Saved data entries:
□ □ □ □ □ □ □

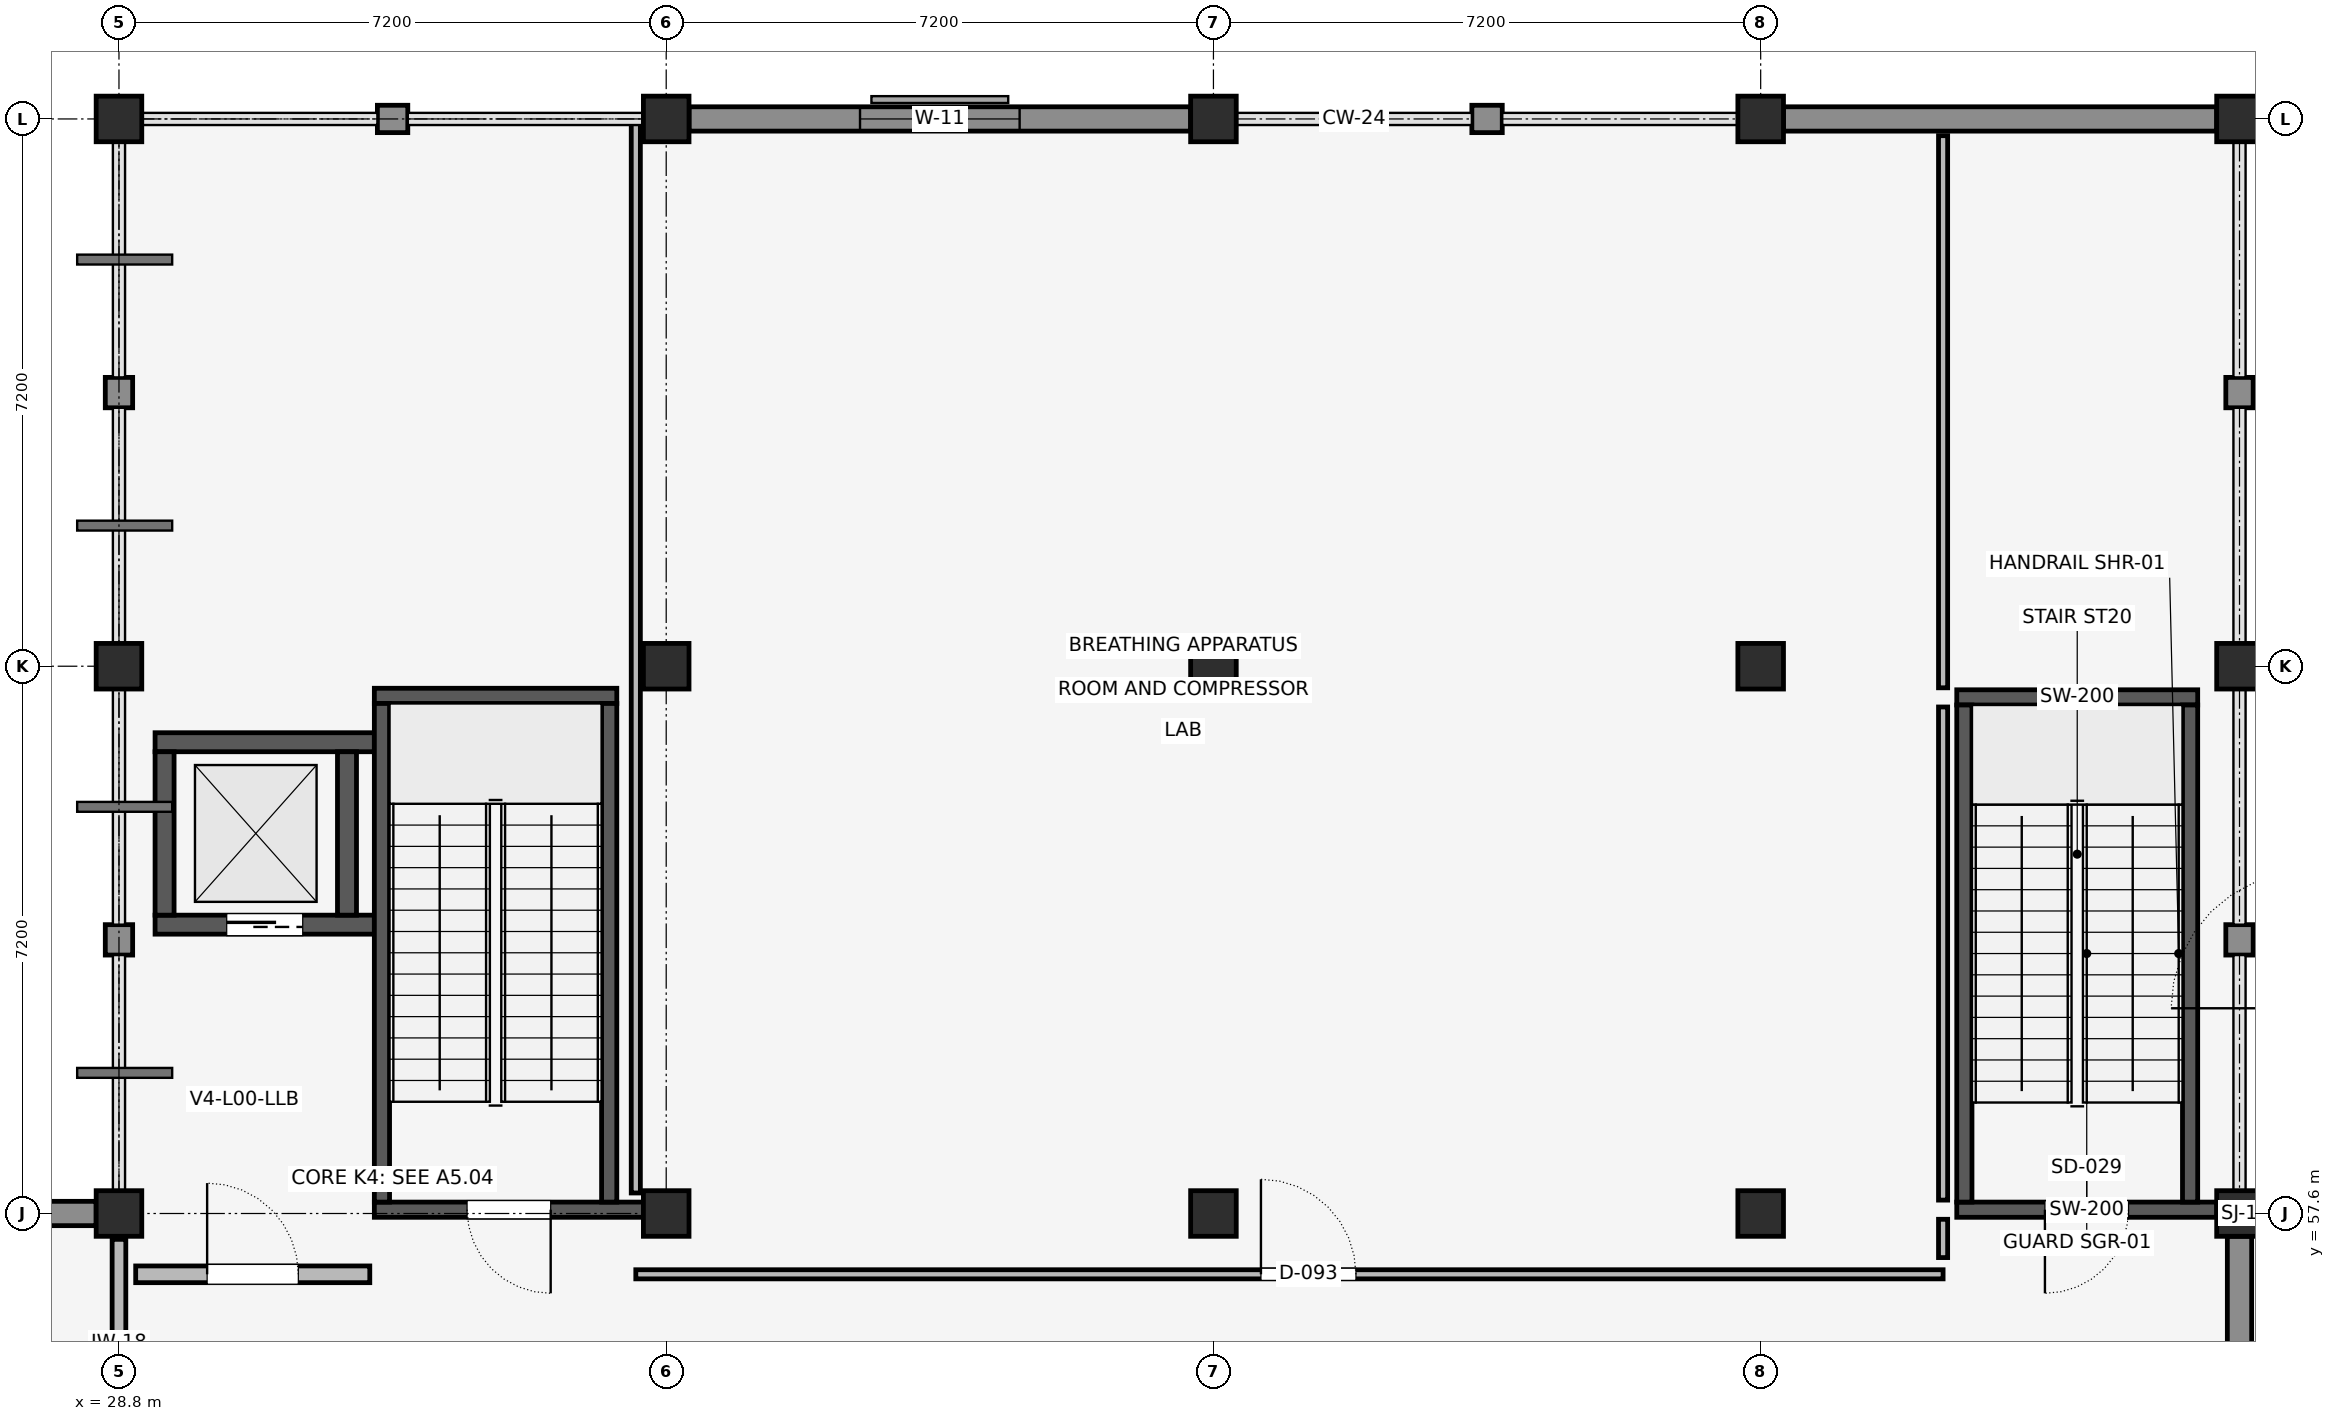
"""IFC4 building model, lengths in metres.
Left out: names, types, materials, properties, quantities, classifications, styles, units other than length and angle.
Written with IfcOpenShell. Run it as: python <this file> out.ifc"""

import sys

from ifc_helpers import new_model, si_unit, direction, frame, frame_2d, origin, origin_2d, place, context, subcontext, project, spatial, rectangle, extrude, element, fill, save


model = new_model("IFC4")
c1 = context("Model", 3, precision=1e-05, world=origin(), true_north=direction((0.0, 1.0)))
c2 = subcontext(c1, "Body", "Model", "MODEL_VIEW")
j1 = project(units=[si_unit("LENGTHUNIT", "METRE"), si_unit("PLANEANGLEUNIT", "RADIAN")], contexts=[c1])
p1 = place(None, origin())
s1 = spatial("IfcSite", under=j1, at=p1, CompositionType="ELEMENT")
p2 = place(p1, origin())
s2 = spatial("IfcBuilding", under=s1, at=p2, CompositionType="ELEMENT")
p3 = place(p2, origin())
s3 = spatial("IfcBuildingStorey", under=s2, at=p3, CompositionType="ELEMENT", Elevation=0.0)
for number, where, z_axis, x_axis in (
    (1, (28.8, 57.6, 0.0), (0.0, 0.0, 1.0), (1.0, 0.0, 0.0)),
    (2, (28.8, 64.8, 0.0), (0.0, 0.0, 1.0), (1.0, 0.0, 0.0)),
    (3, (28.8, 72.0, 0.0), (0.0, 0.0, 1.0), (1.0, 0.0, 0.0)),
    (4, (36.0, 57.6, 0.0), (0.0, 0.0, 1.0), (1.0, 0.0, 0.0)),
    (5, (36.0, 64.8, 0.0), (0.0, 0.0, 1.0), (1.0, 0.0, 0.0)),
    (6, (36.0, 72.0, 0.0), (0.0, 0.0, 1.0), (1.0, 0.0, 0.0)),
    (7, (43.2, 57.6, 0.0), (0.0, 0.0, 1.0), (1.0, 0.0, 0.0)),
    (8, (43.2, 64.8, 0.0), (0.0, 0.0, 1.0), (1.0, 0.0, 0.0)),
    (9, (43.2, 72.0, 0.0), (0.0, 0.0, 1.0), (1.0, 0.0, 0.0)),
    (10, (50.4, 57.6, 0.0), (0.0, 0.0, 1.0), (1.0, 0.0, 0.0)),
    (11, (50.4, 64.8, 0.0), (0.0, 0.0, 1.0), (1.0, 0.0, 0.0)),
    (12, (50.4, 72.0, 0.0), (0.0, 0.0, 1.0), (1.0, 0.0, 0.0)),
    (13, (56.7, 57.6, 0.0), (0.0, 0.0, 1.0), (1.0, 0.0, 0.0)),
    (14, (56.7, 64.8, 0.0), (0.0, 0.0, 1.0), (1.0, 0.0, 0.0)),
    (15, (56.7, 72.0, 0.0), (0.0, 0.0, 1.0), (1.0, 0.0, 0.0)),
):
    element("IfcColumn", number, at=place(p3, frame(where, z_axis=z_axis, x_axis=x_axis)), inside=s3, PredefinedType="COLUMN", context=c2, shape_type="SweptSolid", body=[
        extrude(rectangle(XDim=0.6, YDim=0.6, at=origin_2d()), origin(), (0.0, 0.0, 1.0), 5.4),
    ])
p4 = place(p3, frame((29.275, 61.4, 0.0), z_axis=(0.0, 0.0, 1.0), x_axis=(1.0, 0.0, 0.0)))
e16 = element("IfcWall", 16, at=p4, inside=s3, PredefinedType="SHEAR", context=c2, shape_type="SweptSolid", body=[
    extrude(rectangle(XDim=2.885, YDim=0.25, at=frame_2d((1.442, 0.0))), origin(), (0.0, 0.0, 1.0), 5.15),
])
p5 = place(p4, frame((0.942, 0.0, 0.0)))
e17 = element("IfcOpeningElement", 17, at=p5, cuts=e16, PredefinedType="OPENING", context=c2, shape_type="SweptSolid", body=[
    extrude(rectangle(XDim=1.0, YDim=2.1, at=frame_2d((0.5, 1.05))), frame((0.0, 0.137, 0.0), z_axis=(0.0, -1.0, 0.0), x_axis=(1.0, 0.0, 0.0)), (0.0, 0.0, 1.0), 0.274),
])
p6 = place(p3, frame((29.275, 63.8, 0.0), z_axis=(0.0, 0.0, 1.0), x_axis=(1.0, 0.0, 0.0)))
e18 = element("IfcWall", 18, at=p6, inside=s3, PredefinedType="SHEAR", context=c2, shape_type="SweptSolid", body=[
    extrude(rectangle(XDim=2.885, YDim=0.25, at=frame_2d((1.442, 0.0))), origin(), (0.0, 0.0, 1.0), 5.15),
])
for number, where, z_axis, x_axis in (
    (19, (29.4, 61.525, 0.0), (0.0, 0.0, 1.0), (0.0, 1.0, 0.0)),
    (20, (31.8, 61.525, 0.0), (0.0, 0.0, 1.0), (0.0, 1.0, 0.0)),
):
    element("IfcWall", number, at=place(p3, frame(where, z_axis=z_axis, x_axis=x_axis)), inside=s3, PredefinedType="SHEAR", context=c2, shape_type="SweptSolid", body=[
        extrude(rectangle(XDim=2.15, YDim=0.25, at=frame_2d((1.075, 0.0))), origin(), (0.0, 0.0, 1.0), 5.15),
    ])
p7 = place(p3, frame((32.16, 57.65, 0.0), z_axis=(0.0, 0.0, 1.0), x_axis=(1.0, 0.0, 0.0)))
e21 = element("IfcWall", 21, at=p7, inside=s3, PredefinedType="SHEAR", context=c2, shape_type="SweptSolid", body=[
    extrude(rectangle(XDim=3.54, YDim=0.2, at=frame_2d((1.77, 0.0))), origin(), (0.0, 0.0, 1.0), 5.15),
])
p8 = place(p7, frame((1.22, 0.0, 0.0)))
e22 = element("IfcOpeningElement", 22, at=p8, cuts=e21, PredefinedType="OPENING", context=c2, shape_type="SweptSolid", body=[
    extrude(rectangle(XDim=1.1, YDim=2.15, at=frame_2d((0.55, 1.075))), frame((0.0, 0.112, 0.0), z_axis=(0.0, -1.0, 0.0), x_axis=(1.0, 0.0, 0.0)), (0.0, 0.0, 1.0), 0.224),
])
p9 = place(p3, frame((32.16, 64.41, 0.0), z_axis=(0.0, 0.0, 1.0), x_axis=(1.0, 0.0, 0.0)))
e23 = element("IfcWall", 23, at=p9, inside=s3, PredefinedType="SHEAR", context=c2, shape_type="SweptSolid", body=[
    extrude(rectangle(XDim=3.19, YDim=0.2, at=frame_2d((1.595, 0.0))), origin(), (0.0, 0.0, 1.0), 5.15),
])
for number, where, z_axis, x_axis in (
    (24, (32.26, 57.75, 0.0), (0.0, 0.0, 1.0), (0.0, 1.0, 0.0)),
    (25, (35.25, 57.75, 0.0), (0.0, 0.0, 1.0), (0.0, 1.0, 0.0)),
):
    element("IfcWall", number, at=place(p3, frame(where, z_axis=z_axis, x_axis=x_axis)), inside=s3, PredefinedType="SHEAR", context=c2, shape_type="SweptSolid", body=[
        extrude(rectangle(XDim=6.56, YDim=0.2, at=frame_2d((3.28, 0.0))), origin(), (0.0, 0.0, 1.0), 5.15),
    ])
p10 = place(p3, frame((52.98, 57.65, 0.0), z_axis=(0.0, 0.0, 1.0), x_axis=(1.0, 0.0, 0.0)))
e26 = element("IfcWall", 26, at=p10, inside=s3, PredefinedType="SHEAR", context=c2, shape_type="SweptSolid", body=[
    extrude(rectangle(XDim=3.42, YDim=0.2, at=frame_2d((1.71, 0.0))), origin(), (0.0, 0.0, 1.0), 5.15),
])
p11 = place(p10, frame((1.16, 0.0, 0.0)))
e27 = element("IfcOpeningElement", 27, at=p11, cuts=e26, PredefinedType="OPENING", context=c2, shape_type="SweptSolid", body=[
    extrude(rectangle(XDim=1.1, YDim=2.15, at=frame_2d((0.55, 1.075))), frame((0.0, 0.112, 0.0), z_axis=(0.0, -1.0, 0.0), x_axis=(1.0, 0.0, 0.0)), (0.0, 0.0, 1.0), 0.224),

□ □ □ □ □ □ □

▶ [WHAT YOU ARE ASKED TO DO]
Please return only the lines from the top of the data through the line with "p3 = place(p2, origin())", exactly as written, and drop every picture.

▶ [RESPONSE TO THIS TASK]
"""IFC4 building model, lengths in metres.
Left out: names, types, materials, properties, quantities, classifications, styles, units other than length and angle.
Written with IfcOpenShell. Run it as: python <this file> out.ifc"""

import sys

from ifc_helpers import new_model, si_unit, direction, frame, frame_2d, origin, origin_2d, place, context, subcontext, project, spatial, rectangle, extrude, element, fill, save


model = new_model("IFC4")
c1 = context("Model", 3, precision=1e-05, world=origin(), true_north=direction((0.0, 1.0)))
c2 = subcontext(c1, "Body", "Model", "MODEL_VIEW")
j1 = project(units=[si_unit("LENGTHUNIT", "METRE"), si_unit("PLANEANGLEUNIT", "RADIAN")], contexts=[c1])
p1 = place(None, origin())
s1 = spatial("IfcSite", under=j1, at=p1, CompositionType="ELEMENT")
p2 = place(p1, origin())
s2 = spatial("IfcBuilding", under=s1, at=p2, CompositionType="ELEMENT")
p3 = place(p2, origin())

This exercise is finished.